*Task statement*.
In the records below, some lines contain the word "color". Copy each of them.

#### Records for the task

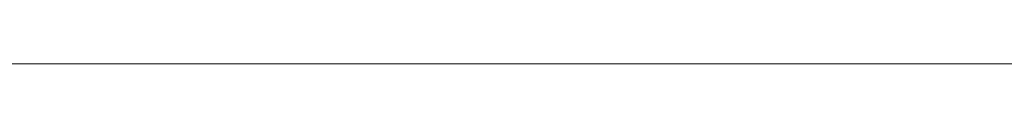
# Model space of a CAD drawing. Units: inches. Extents: x 459864 to 460310, y 324185 to 324787.
# Tile 87 of 112: x 460247.12218 to 460247.14006, y 324283.48322 to 324283.48324. Entities that reach past the tile are written whole.
import ezdxf

# ---------------------------------------------------------------- set-up
doc = ezdxf.new("R2010")
doc.units = ezdxf.units.IN
for name, color, linetype, lineweight in [('A-ANNO-DIMS', 2, 'Continuous', 18), ('L-HRDS', 9, 'Continuous', 18), ('L-SITE-PATT', 252, 'Continuous', 13)]:
    doc.layers.add(name, color=color, linetype=linetype, lineweight=lineweight)
doc.styles.get("Standard").update_dxf_attribs({"font": 'arial.ttf'})
doc.dimstyles.new('ISO-25', dxfattribs={"dimtxt": 6, "dimasz": 2.5, "dimexe": 1.25, "dimexo": 0.625, "dimtad": 1, "dimdec": 1, "dimlunit": 3, "dimtxsty": 'Standard', "dimcen": 2.5, "dimadec": 0, "dimazin": 0, "dimtfac": 1, "dimtdec": 1, "dimtmove": 0, "dimatfit": 3, "dimfxl": 1, "dimarcsym": 0})

# ---------------------------------------------------------------- blocks, each defined once
blk = doc.blocks.new('*D21')
at = {"layer": 'A-ANNO-DIMS', "color": 0, "lineweight": -2, "transparency": 16777216}
for p, q in [((460247.739927, 324715.483233), (460309.580369, 324715.483233)), ((460308.330369, 324712.983233), (460308.330369, 324285.983233)), ((460247.739927, 324283.483233), (460309.580369, 324283.483233))]:
    blk.add_line(p, q, dxfattribs=at)
at = {"layer": 'A-ANNO-DIMS', "color": 0, "transparency": 16777216}
for points in [[(460307.913702, 324712.983233), (460308.747035, 324712.983233), (460308.330369, 324715.483233)], [(460307.913702, 324285.983233), (460308.747035, 324285.983233), (460308.330369, 324283.483233)]]:
    blk.add_solid(points, dxfattribs=at)
at = {"layer": 'Defpoints', "color": 0, "transparency": 16777216}
for p in [(460247.114927, 324715.483233), (460247.114927, 324283.483233), (460308.330369, 324283.483233)]:
    blk.add_point(p, dxfattribs=at)
at = {"layer": 'A-ANNO-DIMS', "color": 0, "transparency": 16777216, "insert": (460304.639884, 324499.483233), "char_height": 6, "attachment_point": 5, "rotation": 90}
blk.add_mtext("36'", dxfattribs=at)

msp = doc.modelspace()

# ---------------------------------------------------------------- hatches: boundary and pattern name
at = {"layer": 'L-SITE-PATT'}
h = msp.add_hatch(dxfattribs=at)
h.set_pattern_fill('DOTS', color=256)
h.paths.add_polyline_path([(460269.803614, 324283.483233), (460247.114927, 324283.483233), (460121.929275, 324283.483233), (460121.929275, 324252.47302), (460117.429275, 324252.47302), (460110.123563, 324252.47302), (460110.123563, 324243.286537), (460080.829543, 324243.286537), (460080.829543, 324252.47302), (460061.114927, 324252.47302), (460061.114927, 324251.882422), (460077.9089, 324251.882422), (460077.9089, 324199.483233), (460080.829543, 324199.483233), (460080.829543, 324207.553216), (460110.123563, 324207.553216), (460110.123563, 324199.483233), (460110.813349, 324199.483233), (460262.114927, 324199.483233), (460269.803614, 324199.483233)], flags=17)
edge = h.paths.add_edge_path(flags=0)
edge.add_ellipse((460222.590295, 324263.813229), major_axis=(-8.485281, 8.485281), ratio=1, start_angle=405, end_angle=495, ccw=False)
edge.add_line((460214.820868, 324254.65989), (460214.831619, 324254.66592))
edge.add_ellipse((460222.590295, 324263.813229), major_axis=(-8.485281, 8.485281), ratio=1, start_angle=405, end_angle=495, ccw=False)
edge.add_line((460210.75891, 324261.780551), (460210.767583, 324261.786823))
edge.add_ellipse((460222.590295, 324263.813229), major_axis=(-8.485281, 8.485281), ratio=1, start_angle=405, end_angle=495, ccw=False)
edge.add_ellipse((460222.590295, 324263.813229), major_axis=(-8.485281, 8.485281), ratio=1, start_angle=392.754016, end_angle=405, ccw=False)
edge.add_ellipse((460222.590295, 324263.813229), major_axis=(-8.485281, 8.485281), ratio=1, start_angle=380.9347178, end_angle=392.754016, ccw=False)
edge.add_line((460211.337059, 324267.985029), (460211.340404, 324267.985029))
edge.add_ellipse((460222.590295, 324263.813229), major_axis=(-8.485281, 8.485281), ratio=1, start_angle=380.9347178, end_angle=392.754016, ccw=False)
edge.add_ellipse((460222.590295, 324263.813229), major_axis=(-8.485281, 8.485281), ratio=1, start_angle=347.9015209, end_angle=380.9347178, ccw=False)
edge.add_ellipse((460222.590295, 324263.813229), major_axis=(-8.485281, 8.485281), ratio=1, start_angle=327.0619241, end_angle=347.9015209, ccw=False)
edge.add_ellipse((460222.590295, 324263.813229), major_axis=(-8.485281, 8.485281), ratio=1, start_angle=278.3246418, end_angle=327.0619241, ccw=False)
edge.add_line((460225.158278, 324275.535991), (460225.157699, 324275.534637))
edge.add_ellipse((460222.590295, 324263.813229), major_axis=(-8.485281, 8.485281), ratio=1, start_angle=278.3246418, end_angle=327.0619241, ccw=False)
edge.add_ellipse((460222.590295, 324263.813229), major_axis=(-8.485281, 8.485281), ratio=1, start_angle=260.6435685, end_angle=278.3246418, ccw=False)
edge.add_ellipse((460222.590295, 324263.813229), major_axis=(-8.485281, 8.485281), ratio=1, start_angle=225, end_angle=260.6435685, ccw=False)
edge.add_line((460234.508791, 324265.242796), (460234.501456, 324265.239441))
edge.add_ellipse((460222.590295, 324263.813229), major_axis=(-8.485281, 8.485281), ratio=1, start_angle=225, end_angle=260.6435685, ccw=False)
edge.add_ellipse((460222.590295, 324263.813229), major_axis=(-8.485281, 8.485281), ratio=1, start_angle=495, end_angle=585, ccw=False)
edge.add_line((460234.436668, 324261.861215), (460234.423783, 324261.857822))
edge.add_ellipse((460222.590295, 324263.813229), major_axis=(-8.485281, 8.485281), ratio=1, start_angle=495, end_angle=585, ccw=False)
edge.add_line((460227.95013, 324253.067192), (460227.946414, 324253.083139))
edge.add_ellipse((460222.590295, 324263.813229), major_axis=(-8.485281, 8.485281), ratio=1, start_angle=495, end_angle=585, ccw=False)
edge.add_line((460226.222975, 324252.369267), (460226.21103, 324252.379551))
edge.add_ellipse((460222.590295, 324263.813229), major_axis=(-8.485281, 8.485281), ratio=1, start_angle=495, end_angle=585, ccw=False)
h.paths.add_polyline_path([(460219.651452, 324254.346654), (460218.461311, 324253.544985), (460218.275437, 324254.78932), (460219.642395, 324256.541765), (460219.62463, 324260.847564), (460216.110089, 324257.333022), (460214.349967, 324256.978066), (460215.416366, 324259.355678), (460212.523935, 324258.495823), (460213.137313, 324259.929797), (460218.507211, 324263.813229), (460222.590295, 324263.813229), (460222.590295, 324267.806698), (460218.175536, 324272.21231), (460219.025968, 324274.63898), (460222.590295, 324272.811129), (460222.590295, 324275.42332), (460223.057099, 324274.824931), (460222.67523, 324273.492211), (460225.911677, 324267.134611), (460219.62463, 324260.847564)], flags=0)
edge = h.paths.add_edge_path(flags=0)
edge.add_ellipse((460194.575758, 324264.046494), major_axis=(-8.485281, 8.485281), ratio=1, start_angle=495, end_angle=585, ccw=False)
edge.add_line((460199.935593, 324253.300458), (460199.931877, 324253.316405))
edge.add_ellipse((460194.575758, 324264.046494), major_axis=(-8.485281, 8.485281), ratio=1, start_angle=495, end_angle=585, ccw=False)
edge.add_line((460198.208438, 324252.602533), (460198.196493, 324252.612817))
edge.add_ellipse((460194.575758, 324264.046494), major_axis=(-8.485281, 8.485281), ratio=1, start_angle=495, end_angle=585, ccw=False)
edge.add_ellipse((460194.575758, 324264.046494), major_axis=(-8.485281, 8.485281), ratio=1, start_angle=405, end_angle=495, ccw=False)
edge.add_line((460186.806331, 324254.893156), (460186.817082, 324254.899186))
edge.add_ellipse((460194.575758, 324264.046494), major_axis=(-8.485281, 8.485281), ratio=1, start_angle=405, end_angle=495, ccw=False)
edge.add_line((460182.744373, 324262.013817), (460182.753046, 324262.020089))
edge.add_ellipse((460194.575758, 324264.046494), major_axis=(-8.485281, 8.485281), ratio=1, start_angle=405, end_angle=495, ccw=False)
edge.add_ellipse((460194.575758, 324264.046494), major_axis=(-8.485281, 8.485281), ratio=1, start_angle=392.754016, end_angle=405, ccw=False)
edge.add_ellipse((460194.575758, 324264.046494), major_axis=(-8.485281, 8.485281), ratio=1, start_angle=380.9347178, end_angle=392.754016, ccw=False)
edge.add_line((460183.322522, 324268.218294), (460183.325867, 324268.218294))
edge.add_ellipse((460194.575758, 324264.046494), major_axis=(-8.485281, 8.485281), ratio=1, start_angle=380.9347178, end_angle=392.754016, ccw=False)
edge.add_ellipse((460194.575758, 324264.046494), major_axis=(-8.485281, 8.485281), ratio=1, start_angle=347.9015209, end_angle=380.9347178, ccw=False)
edge.add_ellipse((460194.575758, 324264.046494), major_axis=(-8.485281, 8.485281), ratio=1, start_angle=327.0619241, end_angle=347.9015209, ccw=False)
edge.add_ellipse((460194.575758, 324264.046494), major_axis=(-8.485281, 8.485281), ratio=1, start_angle=278.3246418, end_angle=327.0619241, ccw=False)
edge.add_line((460197.143741, 324275.769257), (460197.143162, 324275.767903))
edge.add_ellipse((460194.575758, 324264.046494), major_axis=(-8.485281, 8.485281), ratio=1, start_angle=278.3246418, end_angle=327.0619241, ccw=False)
edge.add_ellipse((460194.575758, 324264.046494), major_axis=(-8.485281, 8.485281), ratio=1, start_angle=260.6435685, end_angle=278.3246418, ccw=False)
edge.add_ellipse((460194.575758, 324264.046494), major_axis=(-8.485281, 8.485281), ratio=1, start_angle=225, end_angle=260.6435685, ccw=False)
edge.add_line((460206.494254, 324265.476062), (460206.486919, 324265.472707))
edge.add_ellipse((460194.575758, 324264.046494), major_axis=(-8.485281, 8.485281), ratio=1, start_angle=225, end_angle=260.6435685, ccw=False)
edge.add_ellipse((460194.575758, 324264.046494), major_axis=(-8.485281, 8.485281), ratio=1, start_angle=495, end_angle=585, ccw=False)
edge.add_line((460206.422132, 324262.094481), (460206.409246, 324262.091088))
h.paths.add_polyline_path([(460191.610093, 324261.08083), (460191.636915, 324254.57992), (460190.446774, 324253.778251), (460190.2609, 324255.022585), (460191.627858, 324256.775031), (460191.610093, 324261.08083), (460188.095552, 324257.566288), (460186.33543, 324257.211332), (460187.40183, 324259.588944), (460184.509398, 324258.729088), (460185.122776, 324260.163063), (460190.492675, 324264.046494), (460194.575758, 324264.046494), (460194.575758, 324268.039963), (460190.160999, 324272.445576), (460191.011431, 324274.872246), (460194.575758, 324273.044395), (460194.575758, 324275.656585), (460195.042562, 324275.058197), (460194.660693, 324273.725477), (460197.897141, 324267.367877)], flags=0)
edge = h.paths.add_edge_path(flags=0)
edge.add_ellipse((460252.911961, 324263.577616), major_axis=(-8.485281, 8.485281), ratio=1, start_angle=405, end_angle=495, ccw=False)
edge.add_line((460241.080576, 324261.544938), (460241.089249, 324261.55121))
edge.add_ellipse((460252.911961, 324263.577616), major_axis=(-8.485281, 8.485281), ratio=1, start_angle=405, end_angle=495, ccw=False)
edge.add_ellipse((460252.911961, 324263.577616), major_axis=(-8.485281, 8.485281), ratio=1, start_angle=392.754016, end_angle=405, ccw=False)
edge.add_ellipse((460252.911961, 324263.577616), major_axis=(-8.485281, 8.485281), ratio=1, start_angle=380.9347178, end_angle=392.754016, ccw=False)
edge.add_line((460241.658725, 324267.749416), (460241.66207, 324267.749416))
edge.add_ellipse((460252.911961, 324263.577616), major_axis=(-8.485281, 8.485281), ratio=1, start_angle=380.9347178, end_angle=392.754016, ccw=False)
edge.add_ellipse((460252.911961, 324263.577616), major_axis=(-8.485281, 8.485281), ratio=1, start_angle=347.9015209, end_angle=380.9347178, ccw=False)
edge.add_ellipse((460252.911961, 324263.577616), major_axis=(-8.485281, 8.485281), ratio=1, start_angle=327.0619241, end_angle=347.9015209, ccw=False)
edge.add_ellipse((460252.911961, 324263.577616), major_axis=(-8.485281, 8.485281), ratio=1, start_angle=278.3246418, end_angle=327.0619241, ccw=False)
edge.add_line((460255.479944, 324275.300378), (460255.479365, 324275.299024))
edge.add_ellipse((460252.911961, 324263.577616), major_axis=(-8.485281, 8.485281), ratio=1, start_angle=278.3246418, end_angle=327.0619241, ccw=False)
edge.add_ellipse((460252.911961, 324263.577616), major_axis=(-8.485281, 8.485281), ratio=1, start_angle=260.6435685, end_angle=278.3246418, ccw=False)
edge.add_ellipse((460252.911961, 324263.577616), major_axis=(-8.485281, 8.485281), ratio=1, start_angle=225, end_angle=260.6435685, ccw=False)
edge.add_line((460264.830457, 324265.007183), (460264.823122, 324265.003828))
edge.add_ellipse((460252.911961, 324263.577616), major_axis=(-8.485281, 8.485281), ratio=1, start_angle=225, end_angle=260.6435685, ccw=False)
edge.add_ellipse((460252.911961, 324263.577616), major_axis=(-8.485281, 8.485281), ratio=1, start_angle=495, end_angle=585, ccw=False)
edge.add_line((460264.758335, 324261.625602), (460264.745449, 324261.622209))
edge.add_ellipse((460252.911961, 324263.577616), major_axis=(-8.485281, 8.485281), ratio=1, start_angle=495, end_angle=585, ccw=False)
edge.add_line((460258.271796, 324252.831579), (460258.268081, 324252.847526))
edge.add_ellipse((460252.911961, 324263.577616), major_axis=(-8.485281, 8.485281), ratio=1, start_angle=495, end_angle=585, ccw=False)
edge.add_line((460256.544641, 324252.133654), (460256.532696, 324252.143938))
edge.add_ellipse((460252.911961, 324263.577616), major_axis=(-8.485281, 8.485281), ratio=1, start_angle=495, end_angle=585, ccw=False)
edge.add_ellipse((460252.911961, 324263.577616), major_axis=(-8.485281, 8.485281), ratio=1, start_angle=405, end_angle=495, ccw=False)
edge.add_line((460245.142534, 324254.424277), (460245.153285, 324254.430307))
h.paths.add_polyline_path([(460244.671633, 324256.742453), (460245.738033, 324259.120065), (460242.845601, 324258.26021), (460243.458979, 324259.694184), (460248.828878, 324263.577616), (460252.911961, 324263.577616), (460252.911961, 324267.571085), (460248.497202, 324271.976697), (460249.347634, 324274.403367), (460252.911961, 324272.575516), (460252.911961, 324275.187707), (460253.378765, 324274.589318), (460252.996897, 324273.256598), (460256.233344, 324266.898998), (460249.946296, 324260.611951), (460249.973118, 324254.111041), (460248.782977, 324253.309372), (460248.597103, 324254.553707), (460249.964061, 324256.306152), (460249.946296, 324260.611951), (460246.431755, 324257.097409)], flags=0)
edge = h.paths.add_edge_path(flags=0)
edge.add_ellipse((460167.43869, 324262.832792), major_axis=(-8.485281, 8.485281), ratio=1, start_angle=495, end_angle=585, ccw=False)
edge.add_line((460172.798524, 324252.086755), (460172.794809, 324252.102702))
edge.add_ellipse((460167.43869, 324262.832792), major_axis=(-8.485281, 8.485281), ratio=1, start_angle=495, end_angle=585, ccw=False)
edge.add_line((460171.07137, 324251.38883), (460171.059425, 324251.399114))
edge.add_ellipse((460167.43869, 324262.832792), major_axis=(-8.485281, 8.485281), ratio=1, start_angle=495, end_angle=585, ccw=False)
edge.add_ellipse((460167.43869, 324262.832792), major_axis=(-8.485281, 8.485281), ratio=1, start_angle=405, end_angle=495, ccw=False)
edge.add_line((460159.669262, 324253.679453), (460159.680013, 324253.685483))
edge.add_ellipse((460167.43869, 324262.832792), major_axis=(-8.485281, 8.485281), ratio=1, start_angle=405, end_angle=495, ccw=False)
edge.add_line((460155.607304, 324260.800114), (460155.615977, 324260.806386))
edge.add_ellipse((460167.43869, 324262.832792), major_axis=(-8.485281, 8.485281), ratio=1, start_angle=405, end_angle=495, ccw=False)
edge.add_ellipse((460167.43869, 324262.832792), major_axis=(-8.485281, 8.485281), ratio=1, start_angle=392.754016, end_angle=405, ccw=False)
edge.add_ellipse((460167.43869, 324262.832792), major_axis=(-8.485281, 8.485281), ratio=1, start_angle=380.9347178, end_angle=392.754016, ccw=False)
edge.add_line((460156.185453, 324267.004592), (460156.188798, 324267.004592))
edge.add_ellipse((460167.43869, 324262.832792), major_axis=(-8.485281, 8.485281), ratio=1, start_angle=380.9347178, end_angle=392.754016, ccw=False)
edge.add_ellipse((460167.43869, 324262.832792), major_axis=(-8.485281, 8.485281), ratio=1, start_angle=347.9015209, end_angle=380.9347178, ccw=False)
edge.add_ellipse((460167.43869, 324262.832792), major_axis=(-8.485281, 8.485281), ratio=1, start_angle=327.0619241, end_angle=347.9015209, ccw=False)
edge.add_ellipse((460167.43869, 324262.832792), major_axis=(-8.485281, 8.485281), ratio=1, start_angle=278.3246418, end_angle=327.0619241, ccw=False)
edge.add_line((460170.006672, 324274.555554), (460170.006093, 324274.5542))
edge.add_ellipse((460167.43869, 324262.832792), major_axis=(-8.485281, 8.485281), ratio=1, start_angle=278.3246418, end_angle=327.0619241, ccw=False)
edge.add_ellipse((460167.43869, 324262.832792), major_axis=(-8.485281, 8.485281), ratio=1, start_angle=260.6435685, end_angle=278.3246418, ccw=False)
edge.add_ellipse((460167.43869, 324262.832792), major_axis=(-8.485281, 8.485281), ratio=1, start_angle=225, end_angle=260.6435685, ccw=False)
edge.add_line((460179.357186, 324264.262359), (460179.349851, 324264.259004))
edge.add_ellipse((460167.43869, 324262.832792), major_axis=(-8.485281, 8.485281), ratio=1, start_angle=225, end_angle=260.6435685, ccw=False)
edge.add_ellipse((460167.43869, 324262.832792), major_axis=(-8.485281, 8.485281), ratio=1, start_angle=495, end_angle=585, ccw=False)
edge.add_line((460179.285063, 324260.880778), (460179.272177, 324260.877385))
h.paths.add_polyline_path([(460164.473025, 324259.867127), (460164.499846, 324253.366217), (460163.309706, 324252.564548), (460163.123831, 324253.808883), (460164.49079, 324255.561328), (460164.473025, 324259.867127), (460160.958483, 324256.352585), (460159.198362, 324255.997629), (460160.264761, 324258.375241), (460157.372329, 324257.515386), (460157.985707, 324258.94936), (460163.355606, 324262.832792), (460167.43869, 324262.832792), (460167.43869, 324266.826261), (460163.02393, 324271.231873), (460163.874362, 324273.658543), (460167.43869, 324271.830692), (460167.43869, 324274.442883), (460167.905493, 324273.844494), (460167.523625, 324272.511774), (460170.760072, 324266.154174)], flags=0)
edge = h.paths.add_edge_path(flags=0)
edge.add_ellipse((460140.758089, 324262.369585), major_axis=(-8.485281, 8.485281), ratio=1, start_angle=495, end_angle=585, ccw=False)
edge.add_line((460146.117923, 324251.623548), (460146.114208, 324251.639495))
edge.add_ellipse((460140.758089, 324262.369585), major_axis=(-8.485281, 8.485281), ratio=1, start_angle=495, end_angle=585, ccw=False)
edge.add_line((460144.390769, 324250.925623), (460144.378824, 324250.935907))
edge.add_ellipse((460140.758089, 324262.369585), major_axis=(-8.485281, 8.485281), ratio=1, start_angle=495, end_angle=585, ccw=False)
edge.add_ellipse((460140.758089, 324262.369585), major_axis=(-8.485281, 8.485281), ratio=1, start_angle=405, end_angle=495, ccw=False)
edge.add_line((460132.988661, 324253.216246), (460132.999412, 324253.222276))
edge.add_ellipse((460140.758089, 324262.369585), major_axis=(-8.485281, 8.485281), ratio=1, start_angle=405, end_angle=495, ccw=False)
edge.add_line((460128.926703, 324260.336907), (460128.935376, 324260.343179))
edge.add_ellipse((460140.758089, 324262.369585), major_axis=(-8.485281, 8.485281), ratio=1, start_angle=405, end_angle=495, ccw=False)
edge.add_ellipse((460140.758089, 324262.369585), major_axis=(-8.485281, 8.485281), ratio=1, start_angle=392.754016, end_angle=405, ccw=False)
edge.add_ellipse((460140.758089, 324262.369585), major_axis=(-8.485281, 8.485281), ratio=1, start_angle=380.9347178, end_angle=392.754016, ccw=False)
edge.add_line((460129.504852, 324266.541385), (460129.508197, 324266.541385))
edge.add_ellipse((460140.758089, 324262.369585), major_axis=(-8.485281, 8.485281), ratio=1, start_angle=380.9347178, end_angle=392.754016, ccw=False)
edge.add_ellipse((460140.758089, 324262.369585), major_axis=(-8.485281, 8.485281), ratio=1, start_angle=347.9015209, end_angle=380.9347178, ccw=False)
edge.add_ellipse((460140.758089, 324262.369585), major_axis=(-8.485281, 8.485281), ratio=1, start_angle=327.0619241, end_angle=347.9015209, ccw=False)
edge.add_ellipse((460140.758089, 324262.369585), major_axis=(-8.485281, 8.485281), ratio=1, start_angle=278.3246418, end_angle=327.0619241, ccw=False)
edge.add_line((460143.326071, 324274.092347), (460143.325492, 324274.090993))
edge.add_ellipse((460140.758089, 324262.369585), major_axis=(-8.485281, 8.485281), ratio=1, start_angle=278.3246418, end_angle=327.0619241, ccw=False)
edge.add_ellipse((460140.758089, 324262.369585), major_axis=(-8.485281, 8.485281), ratio=1, start_angle=260.6435685, end_angle=278.3246418, ccw=False)
edge.add_ellipse((460140.758089, 324262.369585), major_axis=(-8.485281, 8.485281), ratio=1, start_angle=225, end_angle=260.6435685, ccw=False)
edge.add_line((460152.676585, 324263.799152), (460152.66925, 324263.795797))
edge.add_ellipse((460140.758089, 324262.369585), major_axis=(-8.485281, 8.485281), ratio=1, start_angle=225, end_angle=260.6435685, ccw=False)
edge.add_ellipse((460140.758089, 324262.369585), major_axis=(-8.485281, 8.485281), ratio=1, start_angle=495, end_angle=585, ccw=False)
edge.add_line((460152.604462, 324260.417571), (460152.591576, 324260.414178))
h.paths.add_polyline_path([(460137.792424, 324259.40392), (460137.819245, 324252.90301), (460136.629105, 324252.101341), (460136.44323, 324253.345676), (460137.810189, 324255.098121), (460137.792424, 324259.40392), (460134.277882, 324255.889378), (460132.517761, 324255.534422), (460133.58416, 324257.912034), (460130.691728, 324257.052179), (460131.305106, 324258.486153), (460136.675005, 324262.369585), (460140.758089, 324262.369585), (460140.758089, 324266.363054), (460136.343329, 324270.768666), (460137.193761, 324273.195336), (460140.758089, 324271.367485), (460140.758089, 324273.979676), (460141.224892, 324273.381287), (460140.843024, 324272.048567), (460144.079471, 324265.690967)], flags=0)
h.paths.add_polyline_path([(460110.123563, 324227.413868), (460080.829543, 324227.413868), (460080.829543, 324235.483851), (460110.123563, 324235.483851)], flags=16)
h.paths.add_polyline_path([(460110.123563, 324220.796634), (460110.123563, 324212.726651), (460080.829543, 324212.726651), (460080.829543, 324220.796634)], flags=16)
h.paths.add_polyline_path([(460269.803614, 324283.483233), (460247.114927, 324283.483233), (460121.929275, 324283.483233), (460121.929275, 324252.47302), (460117.429275, 324252.47302), (460110.123563, 324252.47302), (460110.123563, 324243.286537), (460080.829543, 324243.286537), (460080.829543, 324252.47302), (460061.114927, 324252.47302), (460061.114927, 324251.882422), (460077.9089, 324251.882422), (460077.9089, 324199.483233), (460080.829543, 324199.483233), (460080.829543, 324207.553216), (460110.123563, 324207.553216), (460110.123563, 324199.483233), (460262.114927, 324199.483233), (460269.803614, 324199.483233)], flags=17)
h.paths.add_polyline_path([(460219.651452, 324254.346654), (460218.461311, 324253.544985), (460218.275437, 324254.78932), (460219.642395, 324256.541765), (460219.62463, 324260.847564), (460216.110089, 324257.333022), (460214.349967, 324256.978066), (460215.416366, 324259.355678), (460212.523935, 324258.495823), (460213.137313, 324259.929797), (460218.507211, 324263.813229), (460222.590295, 324263.813229), (460220.180486, 324266.223037), (460215.460959, 324265.307646), (460211.834533, 324266.136551), (460216.246619, 324267.985029), (460218.418495, 324267.985029), (460222.590295, 324263.813229), (460222.590295, 324267.806698), (460218.175536, 324272.21231), (460219.025968, 324274.63898), (460222.590295, 324272.811129), (460222.590295, 324275.42332), (460223.057099, 324274.824931), (460222.67523, 324273.492211), (460225.911677, 324267.134611), (460222.590295, 324263.813229), (460231.382871, 324263.813229), (460228.484718, 324262.487825), (460224.425208, 324261.978316), (460228.679899, 324257.723625), (460228.965835, 324254.791014), (460227.141768, 324256.536632), (460227.542067, 324254.818575), (460227.333342, 324253.614466), (460222.590295, 324259.984626), (460222.590295, 324255.496666), (460221.377409, 324256.540849), (460220.575794, 324261.798728), (460219.62463, 324260.847564)], flags=0)
h.paths.add_polyline_path([(460199.127231, 324256.769898), (460199.52753, 324255.051841), (460199.318805, 324253.847732), (460194.575758, 324260.217892), (460194.575758, 324255.729932), (460193.362872, 324256.774115), (460192.561257, 324262.031993), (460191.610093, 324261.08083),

########

*Result*.
for name, color, linetype, lineweight in [('A-ANNO-DIMS', 2, 'Continuous', 18), ('L-HRDS', 9, 'Continuous', 18), ('L-SITE-PATT', 252, 'Continuous', 13)]:
    doc.layers.add(name, color=color, linetype=linetype, lineweight=lineweight)
at = {"layer": 'A-ANNO-DIMS', "color": 0, "lineweight": -2, "transparency": 16777216}
at = {"layer": 'A-ANNO-DIMS', "color": 0, "transparency": 16777216}
at = {"layer": 'Defpoints', "color": 0, "transparency": 16777216}
at = {"layer": 'A-ANNO-DIMS', "color": 0, "transparency": 16777216, "insert": (460304.639884, 324499.483233), "char_height": 6, "attachment_point": 5, "rotation": 90}
h.set_pattern_fill('DOTS', color=256)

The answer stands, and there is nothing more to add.